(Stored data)
+++++

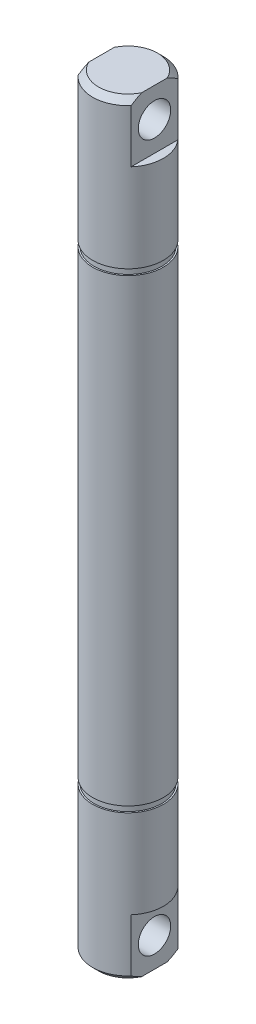
from build123d import *

# Parameters (mm, degrees)
SKETCH1_R               = 6
BOSS_EXTRUDE1_DEPTH     = 130
CUT_EXTRUDE1_DEPTH      = 131.276628756
CUT_EXTRUDE1_DEPTH_BACK = 131.276628756
SKETCH3_R               = 2.75
CHAMFER1_SIZE           = 1
SKETCH5_W               = 10
SKETCH5_H               = 20
CUT_EXTRUDE2_DEPTH      = 1.5
MIRROR2_COPY_1_SKETCH_W = 10
MIRROR2_COPY_1_SKETCH_H = 20
MIRROR2_COPY_1_DEPTH    = 1.5
SKETCH7_R               = 6
SKETCH7_R_2             = 5.75
CUT_EXTRUDE3_DEPTH      = 1


with BuildPart() as part:
    # Sketch1 → Boss-Extrude1 (new body)
    with BuildSketch(Plane(origin=(0, 0, 0), x_dir=(1, 0, 0), z_dir=(0, 1, 0))):
        with Locations(Location((0, 0, 0), (0, 0, 270))):
            Circle(SKETCH1_R)
    extrude(amount=BOSS_EXTRUDE1_DEPTH)

    # Sketch3 → Cut-Extrude1 (cut, two sides: drawn at the far end of the back side and taken through both)
    with BuildSketch(Plane(origin=(0, 0, 0), x_dir=(0, 0, -1), z_dir=(1, 0, 0)).offset(-CUT_EXTRUDE1_DEPTH_BACK)):
        with Locations((0, 125)):
            Circle(SKETCH3_R)
        with Locations((0, 5)):
            Circle(SKETCH3_R)
    extrude(amount=CUT_EXTRUDE1_DEPTH + CUT_EXTRUDE1_DEPTH_BACK, mode=Mode.SUBTRACT)

    # Chamfer1
    chamfer1_edges = [part.edges().sort_by_distance(p)[0] for p in [
        (0, 0, -6),
        (0, 130, -6),
    ]]
    chamfer(chamfer1_edges, length=CHAMFER1_SIZE)

    # Sketch5 → Cut-Extrude2 (cut)
    with BuildSketch(Plane(origin=(6, 0, 0), x_dir=(0, 0, -1), z_dir=(1, 0, 0))):
        Rectangle(SKETCH5_W, SKETCH5_H)
    cut_extrude2 = extrude(amount=-CUT_EXTRUDE2_DEPTH, mode=Mode.SUBTRACT)

    # Mirror1: Cut-Extrude2 across plane
    add(cut_extrude2.mirror(Plane(origin=(0, 0, 0), x_dir=(0, 0, 1), z_dir=(1, 0, 0))), mode=Mode.SUBTRACT)

    # Mirror2: Cut-Extrude2 across plane
    add(cut_extrude2.mirror(Plane(origin=(0, 65, 0), x_dir=(0, 0, 1), z_dir=(0, -1, 0))), mode=Mode.SUBTRACT)

    # Mirror2 copy 1 sketch → Mirror2 copy 1 (cut)
    with BuildSketch(Plane(origin=(-6, 130, 0), x_dir=(0, 0, -1), z_dir=(-1, 0, 0))):
        Rectangle(MIRROR2_COPY_1_SKETCH_W, MIRROR2_COPY_1_SKETCH_H)
    extrude(amount=-MIRROR2_COPY_1_DEPTH, mode=Mode.SUBTRACT)

    # Sketch7 → Cut-Extrude3 (cut)
    with BuildSketch(Plane(origin=(0, 104, 0), x_dir=(1, 0, 0), z_dir=(0, 1, 0))):
        with Locations(Location((0, 0, 0), (0, 0, 138.590377891))):
            Circle(SKETCH7_R)
        with Locations(Location((0, 0, 0), (0, 0, 270))):
            Circle(SKETCH7_R_2, mode=Mode.SUBTRACT)
    cut_extrude3 = extrude(amount=CUT_EXTRUDE3_DEPTH, mode=Mode.SUBTRACT)

    # Mirror3: Cut-Extrude3 across plane
    add(cut_extrude3.mirror(Plane(origin=(0, 65, 0), x_dir=(0, 0, 1), z_dir=(0, -1, 0))), mode=Mode.SUBTRACT)


solid = part.part

+++++

Description of the task: Only the lines containing "across" are needed; copy each of them from the data.

Task response:
    # Mirror1: Cut-Extrude2 across plane
    # Mirror2: Cut-Extrude2 across plane
    # Mirror3: Cut-Extrude3 across plane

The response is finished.